### Task details
Find every line in the entries that holds the string "units" and report it.

### Data under study
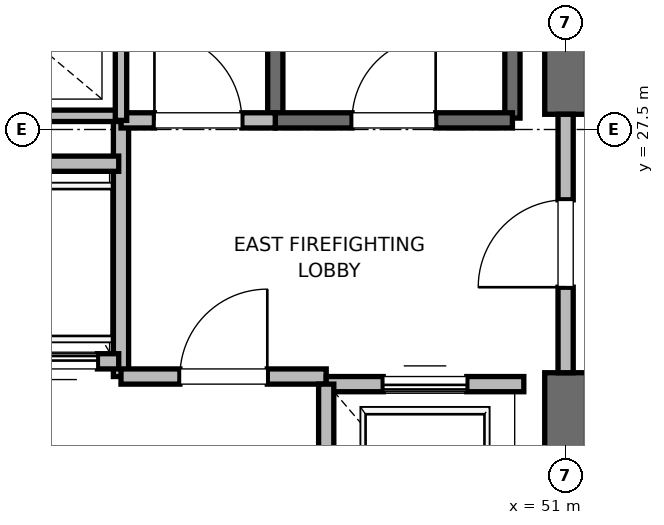
"""IFC4 building model, lengths in metres.
Left out: names, types, materials, properties, quantities, classifications, styles, units other than length and angle.
Written with IfcOpenShell. Run it as: python <this file> out.ifc"""

import sys

from ifc_helpers import new_model, si_unit, direction, frame, frame_2d, origin, place, context, subcontext, project, spatial, rectangle, extrude, element, fill, save


model = new_model("IFC4")
c1 = context("Model", 3, precision=1e-05, world=origin(), true_north=direction((0.0, 1.0)))
c2 = subcontext(c1, "Body", "Model", "MODEL_VIEW")
j1 = project(units=[si_unit("LENGTHUNIT", "METRE"), si_unit("PLANEANGLEUNIT", "RADIAN")], contexts=[c1])
p1 = place(None, origin())
s1 = spatial("IfcSite", under=j1, at=p1, CompositionType="ELEMENT")
p2 = place(p1, origin())
s2 = spatial("IfcBuilding", under=s1, at=p2, CompositionType="ELEMENT")
p3 = place(p2, frame((0.0, 0.0, 184.4)))
s3 = spatial("IfcBuildingStorey", under=s2, at=p3, CompositionType="ELEMENT", Elevation=184.4)
p4 = place(p3, frame((51.0, 18.5, 0.0), z_axis=(0.0, 0.0, 1.0), x_axis=(0.0, 1.0, 0.0)))
e1 = element("IfcWall", 1, at=p4, inside=s3, PredefinedType="SHEAR", context=c2, shape_type="SweptSolid", body=[
    extrude(rectangle(XDim=5.8, YDim=0.55, at=frame_2d((2.9, 0.0))), origin(), (0.0, 0.0, 1.0), 4.7),
])
p5 = place(p3, frame((51.0, 27.7, 0.0), z_axis=(0.0, 0.0, 1.0), x_axis=(0.0, 1.0, 0.0)))
e2 = element("IfcWall", 2, at=p5, inside=s3, PredefinedType="SHEAR", context=c2, shape_type="SweptSolid", body=[
    extrude(rectangle(XDim=8.8, YDim=0.55, at=frame_2d((4.4, 0.0))), origin(), (0.0, 0.0, 1.0), 4.7),
])
p6 = place(p3, frame((50.3, 27.65, 0.0), z_axis=(0.0, 0.0, 1.0), x_axis=(0.0, 1.0, 0.0)))
e3 = element("IfcWall", 3, at=p6, inside=s3, PredefinedType="SOLIDWALL", context=c2, shape_type="SweptSolid", body=[
    extrude(rectangle(XDim=8.15, YDim=0.2, at=frame_2d((4.075, 0.0))), origin(), (0.0, 0.0, 1.0), 4.7),
])
p7 = place(p3, frame((47.18, 27.62, 0.0), z_axis=(0.0, 0.0, 1.0), x_axis=(0.0, 1.0, 0.0)))
e4 = element("IfcWall", 4, at=p7, inside=s3, PredefinedType="SOLIDWALL", context=c2, shape_type="SweptSolid", body=[
    extrude(rectangle(XDim=8.18, YDim=0.2, at=frame_2d((4.09, 0.0))), origin(), (0.0, 0.0, 1.0), 4.7),
])
p8 = place(p3, frame((47.18, 27.62, 0.0), z_axis=(0.0, 0.0, 1.0), x_axis=(1.0, 0.0, 0.0)))
e5 = element("IfcWall", 5, at=p8, inside=s3, PredefinedType="SOLIDWALL", context=c2, shape_type="SweptSolid", body=[
    extrude(rectangle(XDim=3.12, YDim=0.2, at=frame_2d((1.56, 0.0))), origin(), (0.0, 0.0, 1.0), 4.7),
])
p9 = place(p8, frame((1.01, 0.0, 0.0)))
e6 = element("IfcOpeningElement", 6, at=p9, cuts=e5, PredefinedType="OPENING", context=c2, shape_type="SweptSolid", body=[
    extrude(rectangle(XDim=1.1, YDim=2.15, at=frame_2d((0.55, 1.075))), frame((0.0, 0.1, 0.0), z_axis=(0.0, -1.0, 0.0), x_axis=(1.0, 0.0, 0.0)), (0.0, 0.0, 1.0), 0.2),
])
p10 = place(p3, frame((45.15, 24.25, 0.0), z_axis=(0.0, 0.0, 1.0), x_axis=(0.0, 1.0, 0.0)))
e7 = element("IfcWall", 7, at=p10, inside=s3, PredefinedType="PARTITIONING", context=c2, shape_type="SweptSolid", body=[
    extrude(rectangle(XDim=3.37, YDim=0.2, at=frame_2d((1.685, 0.0))), origin(), (0.0, 0.0, 1.0), 4.7),
])
p11 = place(p3, frame((45.15, 24.25, 0.0), z_axis=(0.0, 0.0, 1.0), x_axis=(1.0, 0.0, 0.0)))
e8 = element("IfcWall", 8, at=p11, inside=s3, PredefinedType="PARTITIONING", context=c2, shape_type="SweptSolid", body=[
    extrude(rectangle(XDim=2.7, YDim=0.2, at=frame_2d((1.35, 0.0))), origin(), (0.0, 0.0, 1.0), 4.7),
])
p12 = place(p11, frame((0.775, 0.0, 0.0)))
e9 = element("IfcOpeningElement", 9, at=p12, cuts=e8, PredefinedType="OPENING", context=c2, shape_type="SweptSolid", body=[
    extrude(rectangle(XDim=1.15, YDim=2.2, at=frame_2d((0.575, 1.1))), frame((0.0, 0.1, 0.0), z_axis=(0.0, -1.0, 0.0), x_axis=(1.0, 0.0, 0.0)), (0.0, 0.0, 1.0), 0.2),
])
p13 = place(p3, frame((45.15, 27.62, 0.0), z_axis=(0.0, 0.0, 1.0), x_axis=(1.0, 0.0, 0.0)))
e10 = element("IfcWall", 10, at=p13, inside=s3, PredefinedType="PARTITIONING", context=c2, shape_type="SweptSolid", body=[
    extrude(rectangle(XDim=2.03, YDim=0.2, at=frame_2d((1.015, 0.0))), origin(), (0.0, 0.0, 1.0), 4.7),
])
p14 = place(p13, frame((0.44, 0.0, 0.0)))
e11 = element("IfcOpeningElement", 11, at=p14, cuts=e10, PredefinedType="OPENING", context=c2, shape_type="SweptSolid", body=[
    extrude(rectangle(XDim=1.15, YDim=2.2, at=frame_2d((0.575, 1.1))), frame((0.0, 0.1, 0.0), z_axis=(0.0, -1.0, 0.0), x_axis=(1.0, 0.0, 0.0)), (0.0, 0.0, 1.0), 0.2),
])
p15 = place(p3, frame((51.0, 24.3, 0.0), z_axis=(0.0, 0.0, 1.0), x_axis=(0.0, 1.0, 0.0)))
e12 = element("IfcWall", 12, at=p15, inside=s3, PredefinedType="PARTITIONING", context=c2, shape_type="SweptSolid", body=[
    extrude(rectangle(XDim=3.4, YDim=0.2, at=frame_2d((1.7, 0.0))), origin(), (0.0, 0.0, 1.0), 3.68),
])
p16 = place(p15, frame((1.125, 0.0, 0.0)))
e13 = element("IfcOpeningElement", 13, at=p16, cuts=e12, PredefinedType="OPENING", context=c2, shape_type="SweptSolid", body=[
    extrude(rectangle(XDim=1.15, YDim=2.2, at=frame_2d((0.575, 1.1))), frame((0.0, 0.1, 0.0), z_axis=(0.0, -1.0, 0.0), x_axis=(1.0, 0.0, 0.0)), (0.0, 0.0, 1.0), 0.2),
])
p17 = place(p3, frame((50.45, 24.15, 0.0), z_axis=(0.0, 0.0, 1.0), x_axis=(-1.0, 0.0, 0.0)))
e14 = element("IfcWall", 14, at=p17, inside=s3, PredefinedType="SOLIDWALL", context=c2, shape_type="SweptSolid", body=[
    extrude(rectangle(XDim=2.6, YDim=0.2, at=frame_2d((1.3, 0.0))), origin(), (0.0, 0.0, 1.0), 3.68),
])
p18 = place(p17, frame((0.75, 0.0, 0.0)))
e15 = element("IfcOpeningElement", 15, at=p18, cuts=e14, PredefinedType="OPENING", context=c2, shape_type="SweptSolid", body=[
    extrude(rectangle(XDim=1.1, YDim=2.2, at=frame_2d((0.55, 1.1))), frame((0.0, 0.1, 0.0), z_axis=(0.0, -1.0, 0.0), x_axis=(1.0, 0.0, 0.0)), (0.0, 0.0, 1.0), 0.2),
])
p19 = place(p3, frame((47.85, 24.15, 0.0), z_axis=(0.0, 0.0, 1.0), x_axis=(0.0, -1.0, 0.0)))
e16 = element("IfcWall", 16, at=p19, inside=s3, PredefinedType="SOLIDWALL", context=c2, shape_type="SweptSolid", body=[
    extrude(rectangle(XDim=3.0, YDim=0.2, at=frame_2d((1.5, 0.0))), origin(), (0.0, 0.0, 1.0), 4.7),
])
p20 = place(p3, frame((43.46, 24.45, 0.0), z_axis=(0.0, 0.0, 1.0), x_axis=(1.0, 0.0, 0.0)))
e17 = element("IfcWall", 17, at=p20, inside=s3, PredefinedType="SOLIDWALL", context=c2, shape_type="SweptSolid", body=[
    extrude(rectangle(XDim=1.66, YDim=0.2, at=frame_2d((0.83, 0.0))), origin(), (0.0, 0.0, 1.0), 4.7),
])
p21 = place(p20, frame((0.28, 0.0, 0.0)))
e18 = element("IfcOpeningElement", 18, at=p21, cuts=e17, PredefinedType="OPENING", context=c2, shape_type="SweptSolid", body=[
    extrude(rectangle(XDim=1.1, YDim=2.2, at=frame_2d((0.55, 1.1))), frame((0.0, 0.1, 0.0), z_axis=(0.0, -1.0, 0.0), x_axis=(1.0, 0.0, 0.0)), (0.0, 0.0, 1.0), 0.2),
])
p22 = place(p3, frame((45.12, 27.05, 0.0), z_axis=(0.0, 0.0, 1.0), x_axis=(-1.0, 0.0, 0.0)))
e19 = element("IfcWall", 19, at=p22, inside=s3, PredefinedType="SOLIDWALL", context=c2, shape_type="SweptSolid", body=[
    extrude(rectangle(XDim=1.66, YDim=0.2, at=frame_2d((0.83, 0.0))), origin(), (0.0, 0.0, 1.0), 4.7),
])
p23 = place(p3, frame((41.56, 27.68, 0.0), z_axis=(0.0, 0.0, 1.0), x_axis=(1.0, 0.0, 0.0)))
e20 = element("IfcWall", 20, at=p23, inside=s3, PredefinedType="PARTITIONING", context=c2, shape_type="SweptSolid", body=[
    extrude(rectangle(XDim=3.59, YDim=0.15, at=frame_2d((1.795, 0.0))), origin(), (0.0, 0.0, 1.0), 2.85),
])
p24 = place(p3, frame((45.15, 27.62, 0.0), z_axis=(0.0, 0.0, 1.0), x_axis=(0.0, 1.0, 0.0)))
e21 = element("IfcWall", 21, at=p24, inside=s3, PredefinedType="PARTITIONING", context=c2, shape_type="SweptSolid", body=[
    extrude(rectangle(XDim=3.1, YDim=0.15, at=frame_2d((1.55, 0.0))), origin(), (0.0, 0.0, 1.0), 2.85),
])
p25 = place(p9, origin())
e22 = element("IfcDoor", 22, at=p25, inside=s3, OperationType="SINGLE_SWING_RIGHT", PredefinedType="DOOR", context=c2, shape_type="SweptSolid", body=[
    extrude(rectangle(XDim=1.1, YDim=2.15, at=frame_2d((0.55, 1.075))), frame((0.0, 0.025, 0.0), z_axis=(0.0, -1.0, 0.0), x_axis=(1.0, 0.0, 0.0)), (0.0, 0.0, 1.0), 0.05),
])
fill(e6, e22)
p26 = place(p12, origin())
e23 = element("IfcDoor", 23, at=p26, inside=s3, OperationType="SINGLE_SWING_RIGHT", PredefinedType="DOOR", context=c2, shape_type="SweptSolid", body=[
    extrude(rectangle(XDim=1.15, YDim=2.2, at=frame_2d((0.575, 1.1))), frame((0.0, 0.025, 0.0), z_axis=(0.0, -1.0, 0.0), x_axis=(1.0, 0.0, 0.0)), (0.0, 0.0, 1.0), 0.05),
])
fill(e9, e23)
p27 = place(p14, origin())
e24 = element("IfcDoor", 24, at=p27, inside=s3, OperationType="SINGLE_SWING_LEFT", PredefinedType="DOOR", context=c2, shape_type="SweptSolid", body=[
    extrude(rectangle(XDim=1.15, YDim=2.2, at=frame_2d((0.575, 1.1))), frame((0.0, 0.025, 0.0), z_axis=(0.0, -1.0, 0.0), x_axis=(1.0, 0.0, 0.0)), (0.0, 0.0, 1.0), 0.05),
])
fill(e11, e24)
p28 = place(p16, origin())
e25 = element("IfcDoor", 25, at=p28, inside=s3, OperationType="SINGLE_SWING_LEFT", PredefinedType="DOOR", context=c2, shape_type="SweptSolid", body=[
    extrude(rectangle(XDim=1.15, YDim=2.2, at=frame_2d((0.575, 1.1))), frame((0.0, 0.025, 0.0), z_axis=(0.0, -1.0, 0.0), x_axis=(1.0, 0.0, 0.0)), (0.0, 0.0, 1.0), 0.05),
])
fill(e13, e25)
p29 = place(p18, origin())
e26 = element("IfcDoor", 26, at=p29, inside=s3, OperationType="SLIDING_TO_RIGHT", PredefinedType="DOOR", context=c2, shape_type="SweptSolid", body=[
    extrude(rectangle(XDim=1.1, YDim=2.2, at=frame_2d((0.55, 1.1))), frame((0.0, 0.025, 0.0), z_axis=(0.0, -1.0, 0.0), x_axis=(1.0, 0.0, 0.0)), (0.0, 0.0, 1.0), 0.05),
])
fill(e15, e26)
p30 = place(p21, origin())
e27 = element("IfcDoor", 27, at=p30, inside=s3, OperationType="SLIDING_TO_RIGHT", PredefinedType="DOOR", context=c2, shape_type="SweptSolid", body=[
    extrude(rectangle(XDim=1.1, YDim=2.2, at=frame_2d((0.55, 1.1))), frame((0.0, 0.025, 0.0), z_axis=(0.0, -1.0, 0.0), x_axis=(1.0, 0.0, 0.0)), (0.0, 0.0, 1.0), 0.05),
])
fill(e18, e27)
save(model, sys.argv[1])

### Response to the exercise
Left out: names, types, materials, properties, quantities, classifications, styles, units other than length and angle.
j1 = project(units=[si_unit("LENGTHUNIT", "METRE"), si_unit("PLANEANGLEUNIT", "RADIAN")], contexts=[c1])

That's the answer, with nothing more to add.